Using the records that follow, copy every line containing the word "direction".
((
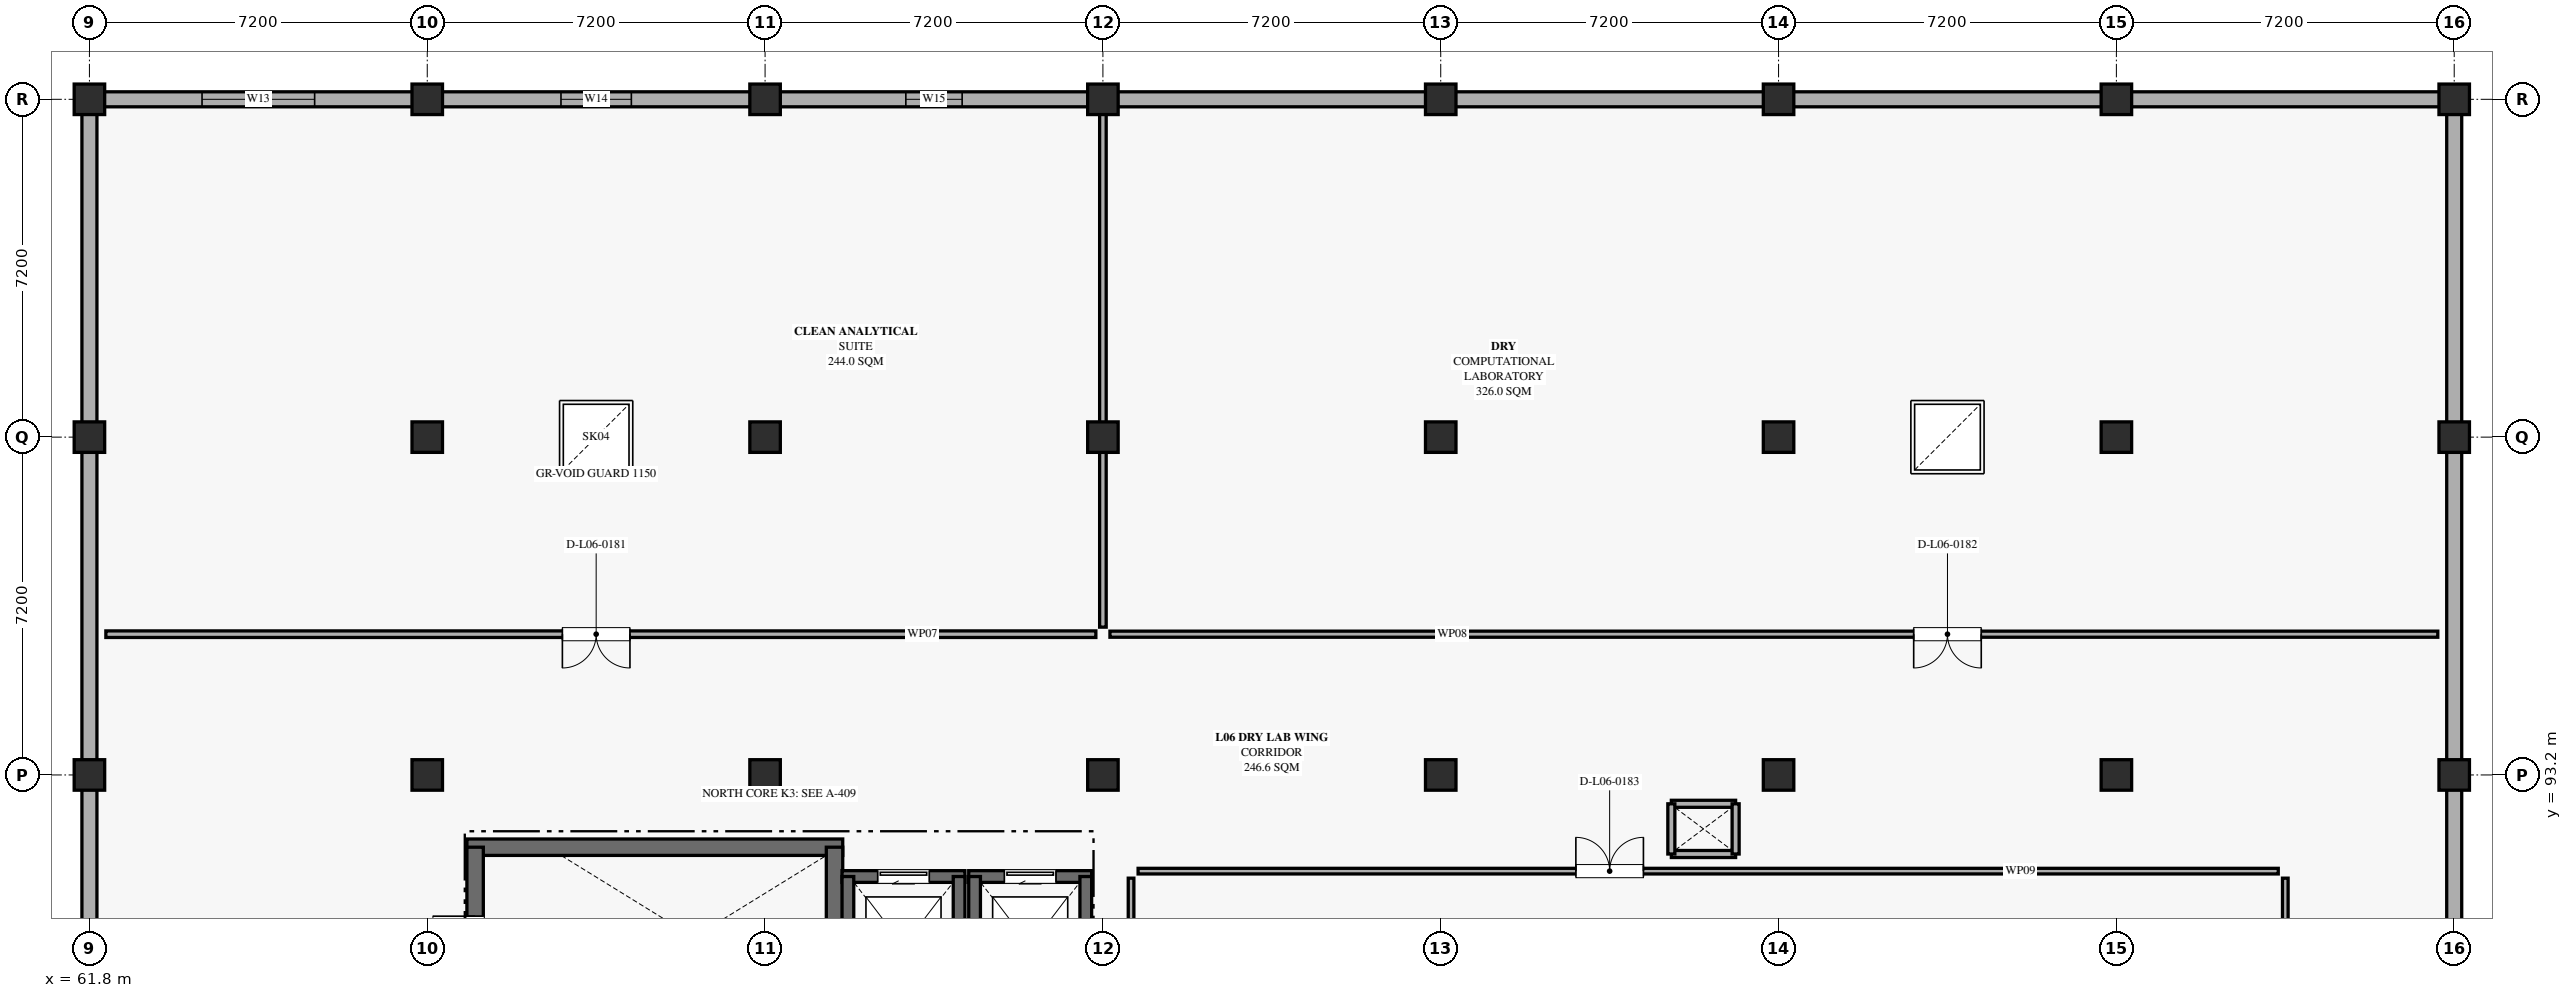
"""IFC4 building model, lengths in metres.
Left out: names, types, materials, properties, quantities, classifications, styles, units other than length and angle.
Written with IfcOpenShell. Run it as: python <this file> out.ifc"""

import sys

from ifc_helpers import new_model, si_unit, direction, frame, frame_2d, origin, origin_2d, place, context, subcontext, project, spatial, rectangle, extrude, element, fill, save


model = new_model("IFC4")
c1 = context("Model", 3, precision=1e-05, world=origin(), true_north=direction((0.0, 1.0)))
c2 = subcontext(c1, "Body", "Model", "MODEL_VIEW")
j1 = project(units=[si_unit("LENGTHUNIT", "METRE"), si_unit("PLANEANGLEUNIT", "RADIAN")], contexts=[c1])
p1 = place(None, origin())
s1 = spatial("IfcSite", under=j1, at=p1, CompositionType="ELEMENT")
p2 = place(p1, origin())
s2 = spatial("IfcBuilding", under=s1, at=p2, CompositionType="ELEMENT")
p3 = place(p2, frame((0.0, 0.0, 28.8)))
s3 = spatial("IfcBuildingStorey", under=s2, at=p3, CompositionType="ELEMENT", Elevation=28.8)
for number, where, z_axis, x_axis in (
    (1, (61.8, 93.2, 0.0), (0.0, 0.0, 1.0), (1.0, 0.0, 0.0)),
    (2, (69.0, 93.2, 0.0), (0.0, 0.0, 1.0), (1.0, 0.0, 0.0)),
    (3, (76.2, 93.2, 0.0), (0.0, 0.0, 1.0), (1.0, 0.0, 0.0)),
    (4, (83.4, 93.2, 0.0), (0.0, 0.0, 1.0), (1.0, 0.0, 0.0)),
    (5, (90.6, 93.2, 0.0), (0.0, 0.0, 1.0), (1.0, 0.0, 0.0)),
    (6, (97.8, 93.2, 0.0), (0.0, 0.0, 1.0), (1.0, 0.0, 0.0)),
    (7, (105.0, 93.2, 0.0), (0.0, 0.0, 1.0), (1.0, 0.0, 0.0)),
    (8, (112.2, 93.2, 0.0), (0.0, 0.0, 1.0), (1.0, 0.0, 0.0)),
    (9, (61.8, 100.4, 0.0), (0.0, 0.0, 1.0), (1.0, 0.0, 0.0)),
    (10, (69.0, 100.4, 0.0), (0.0, 0.0, 1.0), (1.0, 0.0, 0.0)),
    (11, (76.2, 100.4, 0.0), (0.0, 0.0, 1.0), (1.0, 0.0, 0.0)),
    (12, (83.4, 100.4, 0.0), (0.0, 0.0, 1.0), (1.0, 0.0, 0.0)),
    (13, (90.6, 100.4, 0.0), (0.0, 0.0, 1.0), (1.0, 0.0, 0.0)),
    (14, (97.8, 100.4, 0.0), (0.0, 0.0, 1.0), (1.0, 0.0, 0.0)),
    (15, (105.0, 100.4, 0.0), (0.0, 0.0, 1.0), (1.0, 0.0, 0.0)),
    (16, (112.2, 100.4, 0.0), (0.0, 0.0, 1.0), (1.0, 0.0, 0.0)),
    (17, (61.8, 107.6, 0.0), (0.0, 0.0, 1.0), (1.0, 0.0, 0.0)),
    (18, (69.0, 107.6, 0.0), (0.0, 0.0, 1.0), (1.0, 0.0, 0.0)),
    (19, (76.2, 107.6, 0.0), (0.0, 0.0, 1.0), (1.0, 0.0, 0.0)),
    (20, (83.4, 107.6, 0.0), (0.0, 0.0, 1.0), (1.0, 0.0, 0.0)),
    (21, (90.6, 107.6, 0.0), (0.0, 0.0, 1.0), (1.0, 0.0, 0.0)),
    (22, (97.8, 107.6, 0.0), (0.0, 0.0, 1.0), (1.0, 0.0, 0.0)),
    (23, (105.0, 107.6, 0.0), (0.0, 0.0, 1.0), (1.0, 0.0, 0.0)),
    (24, (112.2, 107.6, 0.0), (0.0, 0.0, 1.0), (1.0, 0.0, 0.0)),
):
    element("IfcColumn", number, at=place(p3, frame(where, z_axis=z_axis, x_axis=x_axis)), inside=s3, PredefinedType="COLUMN", context=c2, shape_type="SweptSolid", body=[
        extrude(rectangle(XDim=0.65, YDim=0.65, at=origin_2d()), origin(), (0.0, 0.0, 1.0), 4.5),
    ])
for number, where, z_axis, x_axis in (
    (25, (61.8, 86.31, 0.0), (0.0, 0.0, 1.0), (0.0, 1.0, 0.0)),
    (26, (112.2, 92.89, 0.0), (0.0, 0.0, 1.0), (0.0, -1.0, 0.0)),
):
    element("IfcWall", number, at=place(p3, frame(where, z_axis=z_axis, x_axis=x_axis)), inside=s3, PredefinedType="SOLIDWALL", context=c2, shape_type="SweptSolid", body=[
        extrude(rectangle(XDim=6.58, YDim=0.32, at=frame_2d((3.29, 0.0))), origin(), (0.0, 0.0, 1.0), 3.0),
    ])
for number, where, z_axis, x_axis in (
    (27, (61.8, 93.51, 0.0), (0.0, 0.0, 1.0), (0.0, 1.0, 0.0)),
    (28, (112.2, 100.09, 0.0), (0.0, 0.0, 1.0), (0.0, -1.0, 0.0)),
    (29, (61.8, 100.71, 0.0), (0.0, 0.0, 1.0), (0.0, 1.0, 0.0)),
    (30, (112.2, 107.29, 0.0), (0.0, 0.0, 1.0), (0.0, -1.0, 0.0)),
):
    element("IfcWall", number, at=place(p3, frame(where, z_axis=z_axis, x_axis=x_axis)), inside=s3, PredefinedType="SOLIDWALL", context=c2, shape_type="SweptSolid", body=[
        extrude(rectangle(XDim=6.58, YDim=0.32, at=frame_2d((3.29, 0.0))), origin(), (0.0, 0.0, 1.0), 3.0),
    ])
p4 = place(p3, frame((62.11, 107.6, 0.0), z_axis=(0.0, 0.0, 1.0), x_axis=(1.0, 0.0, 0.0)))
e31 = element("IfcWall", 31, at=p4, inside=s3, PredefinedType="SOLIDWALL", context=c2, shape_type="SweptSolid", body=[
    extrude(rectangle(XDim=6.58, YDim=0.32, at=frame_2d((3.29, 0.0))), origin(), (0.0, 0.0, 1.0), 3.0),
])
p5 = place(p4, frame((2.09, 0.0, 0.85)))
e32 = element("IfcOpeningElement", 32, at=p5, cuts=e31, PredefinedType="OPENING", context=c2, shape_type="SweptSolid", body=[
    extrude(rectangle(XDim=2.4, YDim=1.8, at=frame_2d((1.2, 0.9))), frame((0.0, 0.17, 0.0), z_axis=(0.0, -1.0, 0.0), x_axis=(1.0, 0.0, 0.0)), (0.0, 0.0, 1.0), 0.34),
])
p6 = place(p3, frame((69.31, 107.6, 0.0), z_axis=(0.0, 0.0, 1.0), x_axis=(1.0, 0.0, 0.0)))
e33 = element("IfcWall", 33, at=p6, inside=s3, PredefinedType="SOLIDWALL", context=c2, shape_type="SweptSolid", body=[
    extrude(rectangle(XDim=6.58, YDim=0.32, at=frame_2d((3.29, 0.0))), origin(), (0.0, 0.0, 1.0), 3.0),
])
p7 = place(p6, frame((2.54, 0.0, 0.85)))
e34 = element("IfcOpeningElement", 34, at=p7, cuts=e33, PredefinedType="OPENING", context=c2, shape_type="SweptSolid", body=[
    extrude(rectangle(XDim=1.5, YDim=1.8, at=frame_2d((0.75, 0.9))), frame((0.0, 0.17, 0.0), z_axis=(0.0, -1.0, 0.0), x_axis=(1.0, 0.0, 0.0)), (0.0, 0.0, 1.0), 0.34),
])
p8 = place(p3, frame((76.51, 107.6, 0.0), z_axis=(0.0, 0.0, 1.0), x_axis=(1.0, 0.0, 0.0)))
e35 = element("IfcWall", 35, at=p8, inside=s3, PredefinedType="SOLIDWALL", context=c2, shape_type="SweptSolid", body=[
    extrude(rectangle(XDim=6.58, YDim=0.32, at=frame_2d((3.29, 0.0))), origin(), (0.0, 0.0, 1.0), 3.0),
])
p9 = place(p8, frame((2.69, 0.0, 0.85)))
e36 = element("IfcOpeningElement", 36, at=p9, cuts=e35, PredefinedType="OPENING", context=c2, shape_type="SweptSolid", body=[
    extrude(rectangle(XDim=1.2, YDim=1.8, at=frame_2d((0.6, 0.9))), frame((0.0, 0.17, 0.0), z_axis=(0.0, -1.0, 0.0), x_axis=(1.0, 0.0, 0.0)), (0.0, 0.0, 1.0), 0.34),
])
for number, where, z_axis, x_axis in (
    (37, (83.71, 107.6, 0.0), (0.0, 0.0, 1.0), (1.0, 0.0, 0.0)),
    (38, (90.91, 107.6, 0.0), (0.0, 0.0, 1.0), (1.0, 0.0, 0.0)),
):
    element("IfcWall", number, at=place(p3, frame(where, z_axis=z_axis, x_axis=x_axis)), inside=s3, PredefinedType="SOLIDWALL", context=c2, shape_type="SweptSolid", body=[
        extrude(rectangle(XDim=6.58, YDim=0.32, at=frame_2d((3.29, 0.0))), origin(), (0.0, 0.0, 1.0), 3.0),
    ])
for number, where, z_axis, x_axis in (
    (39, (98.11, 107.6, 0.0), (0.0, 0.0, 1.0), (1.0, 0.0, 0.0)),
    (40, (105.31, 107.6, 0.0), (0.0, 0.0, 1.0), (1.0, 0.0, 0.0)),
):
    element("IfcWall", number, at=place(p3, frame(where, z_axis=z_axis, x_axis=x_axis)), inside=s3, PredefinedType="SOLIDWALL", context=c2, shape_type="SweptSolid", body=[
        extrude(rectangle(XDim=6.58, YDim=0.32, at=frame_2d((3.29, 0.0))), origin(), (0.0, 0.0, 1.0), 3.0),
    ])
p10 = place(p3, frame((69.845, 91.66, 0.0), z_axis=(0.0, 0.0, 1.0), x_axis=(1.0, 0.0, 0.0)))
e41 = element("IfcWall", 41, at=p10, inside=s3, PredefinedType="SHEAR", context=c2, shape_type="SweptSolid", body=[
    extrude(rectangle(XDim=8.01, YDim=0.35, at=frame_2d((4.005, 0.0))), origin(), (0.0, 0.0, 1.0), 4.23),
])
p11 = place(p3, frame((70.02, 87.82, 0.0), z_axis=(0.0, 0.0, 1.0), x_axis=(0.0, 1.0, 0.0)))
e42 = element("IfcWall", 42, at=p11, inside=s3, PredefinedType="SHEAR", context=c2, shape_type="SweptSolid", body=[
))
### Expected answer
from ifc_helpers import new_model, si_unit, direction, frame, frame_2d, origin, origin_2d, place, context, subcontext, project, spatial, rectangle, extrude, element, fill, save
c1 = context("Model", 3, precision=1e-05, world=origin(), true_north=direction((0.0, 1.0)))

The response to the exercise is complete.